- **What the task requires**
Could you print exactly the lines of the listing below, starting at the line that has "fill(e28, e48)" and ending at the line that has "p47 = place(p34, origin())", and only those lines?
※ ※ ※
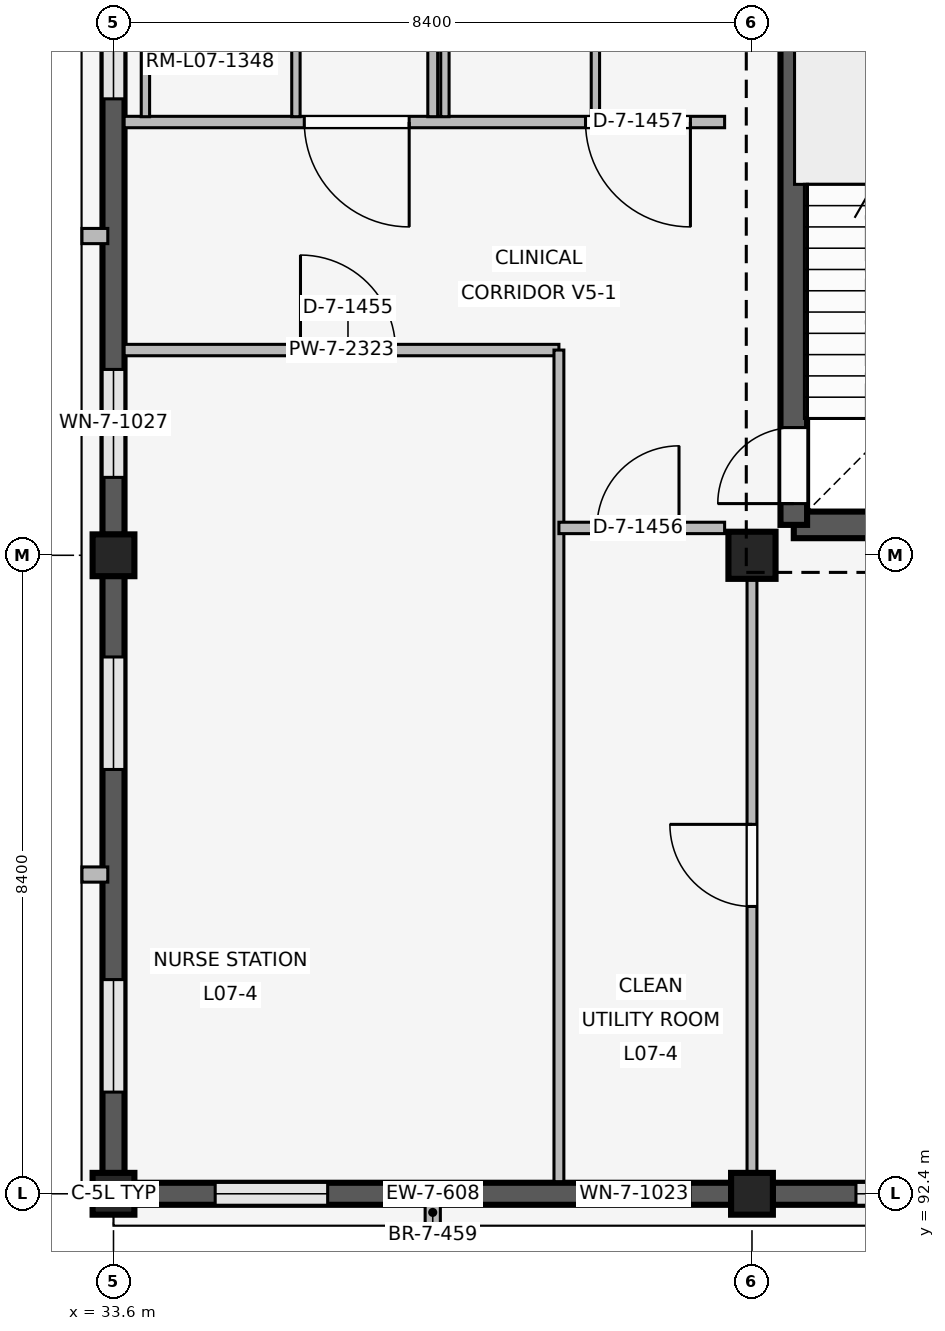
"""IFC4 building model, lengths in metres.
Left out: names, types, materials, properties, quantities, classifications, styles, units other than length and angle.
Written with IfcOpenShell. Run it as: python <this file> out.ifc"""

import sys

from ifc_helpers import new_model, si_unit, direction, frame, frame_2d, origin, origin_2d, place, context, subcontext, project, spatial, rectangle, extrude, element, fill, save


model = new_model("IFC4")
c1 = context("Model", 3, precision=1e-05, world=origin(), true_north=direction((0.0, 1.0)))
c2 = subcontext(c1, "Body", "Model", "MODEL_VIEW")
j1 = project(units=[si_unit("LENGTHUNIT", "METRE"), si_unit("PLANEANGLEUNIT", "RADIAN")], contexts=[c1])
p1 = place(None, origin())
s1 = spatial("IfcSite", under=j1, at=p1, CompositionType="ELEMENT")
p2 = place(p1, origin())
s2 = spatial("IfcBuilding", under=s1, at=p2, CompositionType="ELEMENT")
p3 = place(p2, frame((0.0, 0.0, 28.8)))
s3 = spatial("IfcBuildingStorey", under=s2, at=p3, CompositionType="ELEMENT", Elevation=28.8)
for number, where, z_axis, x_axis in (
    (1, (33.6, 92.4, 0.0), (0.0, 0.0, 1.0), (1.0, 0.0, 0.0)),
    (2, (33.6, 100.8, 0.0), (0.0, 0.0, 1.0), (1.0, 0.0, 0.0)),
    (3, (42.0, 92.4, 0.0), (0.0, 0.0, 1.0), (1.0, 0.0, 0.0)),
):
    element("IfcColumn", number, at=place(p3, frame(where, z_axis=z_axis, x_axis=x_axis)), inside=s3, PredefinedType="COLUMN", context=c2, shape_type="SweptSolid", body=[
        extrude(rectangle(XDim=0.55, YDim=0.55, at=origin_2d()), origin(), (0.0, 0.0, 1.0), 4.2),
    ])
p4 = place(p3, frame((42.0, 100.8, 0.0), z_axis=(0.0, 0.0, 1.0), x_axis=(1.0, 0.0, 0.0)))
e4 = element("IfcColumn", 4, at=p4, inside=s3, PredefinedType="COLUMN", context=c2, shape_type="SweptSolid", body=[
    extrude(rectangle(XDim=0.62, YDim=0.62, at=origin_2d()), origin(), (0.0, 0.0, 1.0), 4.2),
])
p5 = place(p3, frame((41.73, 92.4, 0.0), z_axis=(0.0, 0.0, 1.0), x_axis=(-1.0, 0.0, 0.0)))
e5 = element("IfcWall", 5, at=p5, inside=s3, PredefinedType="SOLIDWALL", context=c2, shape_type="SweptSolid", body=[
    extrude(rectangle(XDim=7.86, YDim=0.29, at=frame_2d((3.93, 0.0))), origin(), (0.0, 0.0, 1.0), 3.34),
])
p6 = place(p5, frame((0.545, 0.0, 0.85)))
e6 = element("IfcOpeningElement", 6, at=p6, cuts=e5, PredefinedType="OPENING", context=c2, shape_type="SweptSolid", body=[
    extrude(rectangle(XDim=1.48, YDim=1.6, at=frame_2d((0.74, 0.8))), frame((0.0, 0.155, 0.0), z_axis=(0.0, -1.0, 0.0), x_axis=(1.0, 0.0, 0.0)), (0.0, 0.0, 1.0), 0.31),
])
p7 = place(p5, frame((5.312, 0.0, 0.85)))
e7 = element("IfcOpeningElement", 7, at=p7, cuts=e5, PredefinedType="OPENING", context=c2, shape_type="SweptSolid", body=[
    extrude(rectangle(XDim=1.48, YDim=1.6, at=frame_2d((0.74, 0.8))), frame((0.0, 0.155, 0.0), z_axis=(0.0, -1.0, 0.0), x_axis=(1.0, 0.0, 0.0)), (0.0, 0.0, 1.0), 0.31),
])
p8 = place(p3, frame((37.8, 92.325, 0.0), z_axis=(0.0, 0.0, 1.0), x_axis=(0.0, -1.0, 0.0)))
e8 = element("IfcWall", 8, at=p8, inside=s3, PredefinedType="ELEMENTEDWALL", context=c2, shape_type="SweptSolid", body=[
    extrude(rectangle(XDim=0.34, YDim=0.2, at=frame_2d((0.17, 0.0))), origin(), (0.0, 0.0, 1.0), 3.32),
])
p9 = place(p3, frame((33.6, 92.67, 0.0), z_axis=(0.0, 0.0, 1.0), x_axis=(0.0, 1.0, 0.0)))
e9 = element("IfcWall", 9, at=p9, inside=s3, PredefinedType="SOLIDWALL", context=c2, shape_type="SweptSolid", body=[
    extrude(rectangle(XDim=7.86, YDim=0.29, at=frame_2d((3.93, 0.0))), origin(), (0.0, 0.0, 1.0), 3.34),
])
p10 = place(p9, frame((1.068, 0.0, 0.85)))
e10 = element("IfcOpeningElement", 10, at=p10, cuts=e9, PredefinedType="OPENING", context=c2, shape_type="SweptSolid", body=[
    extrude(rectangle(XDim=1.48, YDim=1.6, at=frame_2d((0.74, 0.8))), frame((0.0, 0.155, 0.0), z_axis=(0.0, -1.0, 0.0), x_axis=(1.0, 0.0, 0.0)), (0.0, 0.0, 1.0), 0.31),
])
p11 = place(p9, frame((5.312, 0.0, 0.85)))
e11 = element("IfcOpeningElement", 11, at=p11, cuts=e9, PredefinedType="OPENING", context=c2, shape_type="SweptSolid", body=[
    extrude(rectangle(XDim=1.48, YDim=1.6, at=frame_2d((0.74, 0.8))), frame((0.0, 0.155, 0.0), z_axis=(0.0, -1.0, 0.0), x_axis=(1.0, 0.0, 0.0)), (0.0, 0.0, 1.0), 0.31),
])
p12 = place(p3, frame((33.525, 96.6, 0.0), z_axis=(0.0, 0.0, 1.0), x_axis=(-1.0, 0.0, 0.0)))
e12 = element("IfcWall", 12, at=p12, inside=s3, PredefinedType="ELEMENTEDWALL", context=c2, shape_type="SweptSolid", body=[
    extrude(rectangle(XDim=0.34, YDim=0.2, at=frame_2d((0.17, 0.0))), origin(), (0.0, 0.0, 1.0), 3.32),
])
p13 = place(p3, frame((33.6, 101.07, 0.0), z_axis=(0.0, 0.0, 1.0), x_axis=(0.0, 1.0, 0.0)))
e13 = element("IfcWall", 13, at=p13, inside=s3, PredefinedType="SOLIDWALL", context=c2, shape_type="SweptSolid", body=[
    extrude(rectangle(XDim=7.86, YDim=0.29, at=frame_2d((3.93, 0.0))), origin(), (0.0, 0.0, 1.0), 3.34),
])
p14 = place(p13, frame((0.755, 0.0, 0.85)))
e14 = element("IfcOpeningElement", 14, at=p14, cuts=e13, PredefinedType="OPENING", context=c2, shape_type="SweptSolid", body=[
    extrude(rectangle(XDim=1.42, YDim=1.45, at=frame_2d((0.71, 0.725))), frame((0.0, 0.155, 0.0), z_axis=(0.0, -1.0, 0.0), x_axis=(1.0, 0.0, 0.0)), (0.0, 0.0, 1.0), 0.31),
])
p15 = place(p13, frame((5.735, 0.0, 0.85)))
e15 = element("IfcOpeningElement", 15, at=p15, cuts=e13, PredefinedType="OPENING", context=c2, shape_type="SweptSolid", body=[
    extrude(rectangle(XDim=1.42, YDim=1.45, at=frame_2d((0.71, 0.725))), frame((0.0, 0.155, 0.0), z_axis=(0.0, -1.0, 0.0), x_axis=(1.0, 0.0, 0.0)), (0.0, 0.0, 1.0), 0.31),
])
p16 = place(p3, frame((33.525, 105.0, 0.0), z_axis=(0.0, 0.0, 1.0), x_axis=(-1.0, 0.0, 0.0)))
e16 = element("IfcWall", 16, at=p16, inside=s3, PredefinedType="ELEMENTEDWALL", context=c2, shape_type="SweptSolid", body=[
    extrude(rectangle(XDim=0.34, YDim=0.2, at=frame_2d((0.17, 0.0))), origin(), (0.0, 0.0, 1.0), 3.32),
])
p17 = place(p3, frame((50.13, 92.4, 0.0), z_axis=(0.0, 0.0, 1.0), x_axis=(-1.0, 0.0, 0.0)))
e17 = element("IfcWall", 17, at=p17, inside=s3, PredefinedType="SOLIDWALL", context=c2, shape_type="SweptSolid", body=[
    extrude(rectangle(XDim=7.86, YDim=0.29, at=frame_2d((3.93, 0.0))), origin(), (0.0, 0.0, 1.0), 3.34),
])
p18 = place(p17, frame((1.098, 0.0, 0.85)))
e18 = element("IfcOpeningElement", 18, at=p18, cuts=e17, PredefinedType="OPENING", context=c2, shape_type="SweptSolid", body=[
    extrude(rectangle(XDim=1.42, YDim=1.45, at=frame_2d((0.71, 0.725))), frame((0.0, 0.155, 0.0), z_axis=(0.0, -1.0, 0.0), x_axis=(1.0, 0.0, 0.0)), (0.0, 0.0, 1.0), 0.31),
])
p19 = place(p17, frame((5.342, 0.0, 0.85)))
e19 = element("IfcOpeningElement", 19, at=p19, cuts=e17, PredefinedType="OPENING", context=c2, shape_type="SweptSolid", body=[
    extrude(rectangle(XDim=1.42, YDim=1.45, at=frame_2d((0.71, 0.725))), frame((0.0, 0.155, 0.0), z_axis=(0.0, -1.0, 0.0), x_axis=(1.0, 0.0, 0.0)), (0.0, 0.0, 1.0), 0.31),
])
p20 = place(p3, frame((42.55, 101.2, 0.0), z_axis=(0.0, 0.0, 1.0), x_axis=(1.0, 0.0, 0.0)))
e20 = element("IfcWall", 20, at=p20, inside=s3, PredefinedType="SHEAR", context=c2, shape_type="SweptSolid", body=[
    extrude(rectangle(XDim=7.5, YDim=0.35, at=frame_2d((3.75, 0.0))), origin(), (0.0, 0.0, 1.0), 3.94),
])
p21 = place(p20, frame((4.85, 0.0, 0.0)))
e21 = element("IfcOpeningElement", 21, at=p21, cuts=e20, PredefinedType="OPENING", context=c2, shape_type="SweptSolid", body=[
    extrude(rectangle(XDim=1.2, YDim=2.2, at=frame_2d((0.6, 1.1))), frame((0.0, 0.185, 0.0), z_axis=(0.0, -1.0, 0.0), x_axis=(1.0, 0.0, 0.0)), (0.0, 0.0, 1.0), 0.37),
])
p22 = place(p3, frame((42.55, 101.2, 0.0), z_axis=(0.0, 0.0, 1.0), x_axis=(0.0, 1.0, 0.0)))
e22 = element("IfcWall", 22, at=p22, inside=s3, PredefinedType="SHEAR", context=c2, shape_type="SweptSolid", body=[
    extrude(rectangle(XDim=7.55, YDim=0.35, at=frame_2d((3.775, 0.0))), origin(), (0.0, 0.0, 1.0), 3.94),
])
p23 = place(p22, frame((0.28, 0.0, 0.0)))
e23 = element("IfcOpeningElement", 23, at=p23, cuts=e22, PredefinedType="OPENING", context=c2, shape_type="SweptSolid", body=[
    extrude(rectangle(XDim=1.0, YDim=2.15, at=frame_2d((0.5, 1.075))), frame((0.0, 0.185, 0.0), z_axis=(0.0, -1.0, 0.0), x_axis=(1.0, 0.0, 0.0)), (0.0, 0.0, 1.0), 0.37),
])
p24 = place(p3, frame((33.74, 103.5, 0.0), z_axis=(0.0, 0.0, 1.0), x_axis=(1.0, 0.0, 0.0)))
e24 = element("IfcWall", 24, at=p24, inside=s3, PredefinedType="PARTITIONING", context=c2, shape_type="SweptSolid", body=[
    extrude(rectangle(XDim=5.72, YDim=0.15, at=frame_2d((2.86, 0.0))), origin(), (0.0, 0.0, 1.0), 3.32),
])
p25 = place(p24, frame((2.32, 0.0, 0.0)))
e25 = element("IfcOpeningElement", 25, at=p25, cuts=e24, PredefinedType="OPENING", context=c2, shape_type="SweptSolid", body=[
    extrude(rectangle(XDim=1.25, YDim=2.2, at=frame_2d((0.625, 1.1))), frame((0.0, 0.085, 0.0), z_axis=(0.0, -1.0, 0.0), x_axis=(1.0, 0.0, 0.0)), (0.0, 0.0, 1.0), 0.17),
])
p26 = place(p3, frame((39.46, 92.56, 0.0), z_axis=(0.0, 0.0, 1.0), x_axis=(0.0, 1.0, 0.0)))
e26 = element("IfcWall", 26, at=p26, inside=s3, PredefinedType="PARTITIONING", context=c2, shape_type="SweptSolid", body=[
    extrude(rectangle(XDim=10.94, YDim=0.13, at=frame_2d((5.47, 0.0))), origin(), (0.0, 0.0, 1.0), 3.32),
])
p27 = place(p3, frame((39.46, 101.16, 0.0), z_axis=(0.0, 0.0, 1.0), x_axis=(1.0, 0.0, 0.0)))
e27 = element("IfcWall", 27, at=p27, inside=s3, PredefinedType="PARTITIONING", context=c2, shape_type="SweptSolid", body=[
    extrude(rectangle(XDim=2.18, YDim=0.15, at=frame_2d((1.09, 0.0))), origin(), (0.0, 0.0, 1.0), 3.32),
])
p28 = place(p27, frame((0.5, 0.0, 0.0)))
e28 = element("IfcOpeningElement", 28, at=p28, cuts=e27, PredefinedType="OPENING", context=c2, shape_type="SweptSolid", body=[
    extrude(rectangle(XDim=1.08, YDim=2.15, at=frame_2d((0.54, 1.075))), frame((0.0, 0.085, 0.0), z_axis=(0.0, -1.0, 0.0), x_axis=(1.0, 0.0, 0.0)), (0.0, 0.0, 1.0), 0.17),
])
p29 = place(p3, frame((41.64, 106.5, 0.0), z_axis=(0.0, 0.0, 1.0), x_axis=(-1.0, 0.0, 0.0)))
e29 = element("IfcWall", 29, at=p29, inside=s3, PredefinedType="PARTITIONING", context=c2, shape_type="SweptSolid", body=[
    extrude(rectangle(XDim=7.9, YDim=0.15, at=frame_2d((3.95, 0.0))), origin(), (0.0, 0.0, 1.0), 3.32),
])
p30 = place(p29, frame((0.45, 0.0, 0.0)))
e30 = element("IfcOpeningElement", 30, at=p30, cuts=e29, PredefinedType="OPENING", context=c2, shape_type="SweptSolid", body=[
    extrude(rectangle(XDim=1.38, YDim=2.25, at=frame_2d((0.69, 1.125))), frame((0.0, 0.085, 0.0), z_axis=(0.0, -1.0, 0.0), x_axis=(1.0, 0.0, 0.0)), (0.0, 0.0, 1.0), 0.17),
])
p31 = place(p29, frame((4.15, 0.0, 0.0)))
e31 = element("IfcOpeningElement", 31, at=p31, cuts=e29, PredefinedType="OPENING", context=c2, shape_type="SweptSolid", body=[
    extrude(rectangle(XDim=1.38, YDim=2.25, at=frame_2d((0.69, 1.125))), frame((0.0, 0.085, 0.0), z_axis=(0.0, -1.0, 0.0), x_axis=(1.0, 0.0, 0.0)), (0.0, 0.0, 1.0), 0.17),
])
p32 = place(p3, frame((37.8, 106.57, 0.0), z_axis=(0.0, 0.0, 1.0), x_axis=(0.0, 1.0, 0.0)))
e32 = element("IfcWall", 32, at=p32, inside=s3, PredefinedType="PARTITIONING", context=c2, shape_type="SweptSolid", body=[
    extrude(rectangle(XDim=10.93, YDim=0.13, at=frame_2d((5.465, 0.0))), origin(), (0.0, 0.0, 1.0), 3.32),
])
for number, where, z_axis, x_axis in (
    (33, (34.02, 106.57, 0.0), (0.0, 0.0, 1.0), (0.0, 1.0, 0.0)),
    (34, (36.0, 106.57, 0.0), (0.0, 0.0, 1.0), (0.0, 1.0, 0.0)),
    (35, (37.96, 106.57, 0.0), (0.0, 0.0, 1.0), (0.0, 1.0, 0.0)),
    (36, (39.94, 106.57, 0.0), (0.0, 0.0, 1.0), (0.0, 1.0, 0.0)),
):
    element("IfcWall", number, at=place(p3, frame(where, z_axis=z_axis, x_axis=x_axis)), inside=s3, PredefinedType="PARTITIONING", context=c2, shape_type="SweptSolid", body=[
        extrude(rectangle(XDim=2.61, YDim=0.11, at=frame_2d((1.305, 0.0))), origin(), (0.0, 0.0, 1.0), 3.32),
    ])
p33 = place(p3, frame((42.0, 92.54, 0.0), z_axis=(0.0, 0.0, 1.0), x_axis=(0.0, 1.0, 0.0)))
e37 = element("IfcWall", 37, at=p33, inside=s3, PredefinedType="PARTITIONING", context=c2, shape_type="SweptSolid", body=[
    extrude(rectangle(XDim=8.21, YDim=0.13, at=frame_2d((4.105, 0.0))), origin(), (0.0, 0.0, 1.0), 3.32),
])
p34 = place(p33, frame((3.64, 0.0, 0.0)))
e38 = element("IfcOpeningElement", 38, at=p34, cuts=e37, PredefinedType="OPENING", context=c2, shape_type="SweptSolid", body=[
    extrude(rectangle(XDim=1.08, YDim=2.15, at=frame_2d((0.54, 1.075))), frame((0.0, 0.075, 0.0), z_axis=(0.0, -1.0, 0.0), x_axis=(1.0, 0.0, 0.0)), (0.0, 0.0, 1.0), 0.15),
])
p35 = place(p6, origin())
e39 = element("IfcWindow", 39, at=p35, inside=s3, PartitioningType="SINGLE_PANEL", PredefinedType="WINDOW", context=c2, shape_type="SweptSolid", body=[
    extrude(rectangle(XDim=1.48, YDim=1.6, at=frame_2d((0.74, 0.8))), frame((0.0, 0.03, 0.0), z_axis=(0.0, -1.0, 0.0), x_axis=(1.0, 0.0, 0.0)), (0.0, 0.0, 1.0), 0.06),
])
fill(e6, e39)
p36 = place(p7, origin())
e40 = element("IfcWindow", 40, at=p36, inside=s3, PartitioningType="SINGLE_PANEL", PredefinedType="WINDOW", context=c2, shape_type="SweptSolid", body=[
    extrude(rectangle(XDim=1.48, YDim=1.6, at=frame_2d((0.74, 0.8))), frame((0.0, 0.03, 0.0), z_axis=(0.0, -1.0, 0.0), x_axis=(1.0, 0.0, 0.0)), (0.0, 0.0, 1.0), 0.06),
])
fill(e7, e40)
p37 = place(p10, origin())
e41 = element("IfcWindow", 41, at=p37, inside=s3, PartitioningType="SINGLE_PANEL", PredefinedType="WINDOW", context=c2, shape_type="SweptSolid", body=[
    extrude(rectangle(XDim=1.48, YDim=1.6, at=frame_2d((0.74, 0.8))), frame((0.0, 0.03, 0.0), z_axis=(0.0, -1.0, 0.0), x_axis=(1.0, 0.0, 0.0)), (0.0, 0.0, 1.0), 0.06),
])
fill(e10, e41)
p38 = place(p11, origin())
e42 = element("IfcWindow", 42, at=p38, inside=s3, PartitioningType="SINGLE_PANEL", PredefinedType="WINDOW", context=c2, shape_type="SweptSolid", body=[
    extrude(rectangle(XDim=1.48, YDim=1.6, at=frame_2d((0.74, 0.8))), frame((0.0, 0.03, 0.0), z_axis=(0.0, -1.0, 0.0), x_axis=(1.0, 0.0, 0.0)), (0.0, 0.0, 1.0), 0.06),
])
fill(e11, e42)
p39 = place(p14, origin())
e43 = element("IfcWindow", 43, at=p39, inside=s3, PartitioningType="SINGLE_PANEL", PredefinedType="WINDOW", context=c2, shape_type="SweptSolid", body=[
    extrude(rectangle(XDim=1.42, YDim=1.45, at=frame_2d((0.71, 0.725))), frame((0.0, 0.03, 0.0), z_axis=(0.0, -1.0, 0.0), x_axis=(1.0, 0.0, 0.0)), (0.0, 0.0, 1.0), 0.06),
])
fill(e14, e43)
p40 = place(p15, origin())
e44 = element("IfcWindow", 44, at=p40, inside=s3, PartitioningType="SINGLE_PANEL", PredefinedType="WINDOW", context=c2, shape_type="SweptSolid", body=[
    extrude(rectangle(XDim=1.42, YDim=1.45, at=frame_2d((0.71, 0.725))), frame((0.0, 0.03, 0.0), z_axis=(0.0, -1.0, 0.0), x_axis=(1.0, 0.0, 0.0)), (0.0, 0.0, 1.0), 0.06),
])
fill(e15, e44)
p41 = place(p19, origin())
e45 = element("IfcWindow", 45, at=p41, inside=s3, PartitioningType="SINGLE_PANEL", PredefinedType="WINDOW", context=c2, shape_type="SweptSolid", body=[
    extrude(rectangle(XDim=1.42, YDim=1.45, at=frame_2d((0.71, 0.725))), frame((0.0, 0.03, 0.0), z_axis=(0.0, -1.0, 0.0), x_axis=(1.0, 0.0, 0.0)), (0.0, 0.0, 1.0), 0.06),
])
fill(e19, e45)
p42 = place(p23, origin())
e46 = element("IfcDoor", 46, at=p42, inside=s3, OperationType="SINGLE_SWING_LEFT", PredefinedType="DOOR", context=c2, shape_type="SweptSolid", body=[
    extrude(rectangle(XDim=1.0, YDim=2.15, at=frame_2d((0.5, 1.075))), frame((0.0, 0.025, 0.0), z_axis=(0.0, -1.0, 0.0), x_axis=(1.0, 0.0, 0.0)), (0.0, 0.0, 1.0), 0.05),
])
fill(e23, e46)
p43 = place(p25, origin())
e47 = element("IfcDoor", 47, at=p43, inside=s3, OperationType="SINGLE_SWING_LEFT", PredefinedType="DOOR", context=c2, shape_type="SweptSolid", body=[
    extrude(rectangle(XDim=1.25, YDim=2.2, at=frame_2d((0.625, 1.1))), frame((0.0, 0.025, 0.0), z_axis=(0.0, -1.0, 0.0), x_axis=(1.0, 0.0, 0.0)), (0.0, 0.0, 1.0), 0.05),
])
fill(e25, e47)
p44 = place(p28, origin())
e48 = element("IfcDoor", 48, at=p44, inside=s3, OperationType="SINGLE_SWING_RIGHT", PredefinedType="DOOR", context=c2, shape_type="SweptSolid", body=[
    extrude(rectangle(XDim=1.08, YDim=2.15, at=frame_2d((0.54, 1.075))), frame((0.0, 0.025, 0.0), z_axis=(0.0, -1.0, 0.0), x_axis=(1.0, 0.0, 0.0)), (0.0, 0.0, 1.0), 0.05),
])
fill(e28, e48)
p45 = place(p30, origin())
e49 = element("IfcDoor", 49, at=p45, inside=s3, OperationType="SINGLE_SWING_LEFT", PredefinedType="DOOR", context=c2, shape_type="SweptSolid", body=[
    extrude(rectangle(XDim=1.38, YDim=2.25, at=frame_2d((0.69, 1.125))), frame((0.0, 0.025, 0.0), z_axis=(0.0, -1.0, 0.0), x_axis=(1.0, 0.0, 0.0)), (0.0, 0.0, 1.0), 0.05),
])
fill(e30, e49)
p46 = place(p31, origin())
e50 = element("IfcDoor", 50, at=p46, inside=s3, OperationType="SINGLE_SWING_LEFT", PredefinedType="DOOR", context=c2, shape_type="SweptSolid", body=[
    extrude(rectangle(XDim=1.38, YDim=2.25, at=frame_2d((0.69, 1.125))), frame((0.0, 0.025, 0.0), z_axis=(0.0, -1.0, 0.0), x_axis=(1.0, 0.0, 0.0)), (0.0, 0.0, 1.0), 0.05),
])
fill(e31, e50)
p47 = place(p34, origin())
e51 = element("IfcDoor", 51, at=p47, inside=s3, OperationType="SINGLE_SWING_RIGHT", PredefinedType="DOOR", context=c2, shape_type="SweptSolid", body=[
    extrude(rectangle(XDim=1.08, YDim=2.15, at=frame_2d((0.54, 1.075))), frame((0.0, 0.025, 0.0), z_axis=(0.0, -1.0, 0.0), x_axis=(1.0, 0.0, 0.0)), (0.0, 0.0, 1.0), 0.05),
])
fill(e38, e51)
save(model, sys.argv[1])
※ ※ ※
- **Result of this exercise**
fill(e28, e48)
p45 = place(p30, origin())
e49 = element("IfcDoor", 49, at=p45, inside=s3, OperationType="SINGLE_SWING_LEFT", PredefinedType="DOOR", context=c2, shape_type="SweptSolid", body=[
    extrude(rectangle(XDim=1.38, YDim=2.25, at=frame_2d((0.69, 1.125))), frame((0.0, 0.025, 0.0), z_axis=(0.0, -1.0, 0.0), x_axis=(1.0, 0.0, 0.0)), (0.0, 0.0, 1.0), 0.05),
])
fill(e30, e49)
p46 = place(p31, origin())
e50 = element("IfcDoor", 50, at=p46, inside=s3, OperationType="SINGLE_SWING_LEFT", PredefinedType="DOOR", context=c2, shape_type="SweptSolid", body=[
    extrude(rectangle(XDim=1.38, YDim=2.25, at=frame_2d((0.69, 1.125))), frame((0.0, 0.025, 0.0), z_axis=(0.0, -1.0, 0.0), x_axis=(1.0, 0.0, 0.0)), (0.0, 0.0, 1.0), 0.05),
])
fill(e31, e50)
p47 = place(p34, origin())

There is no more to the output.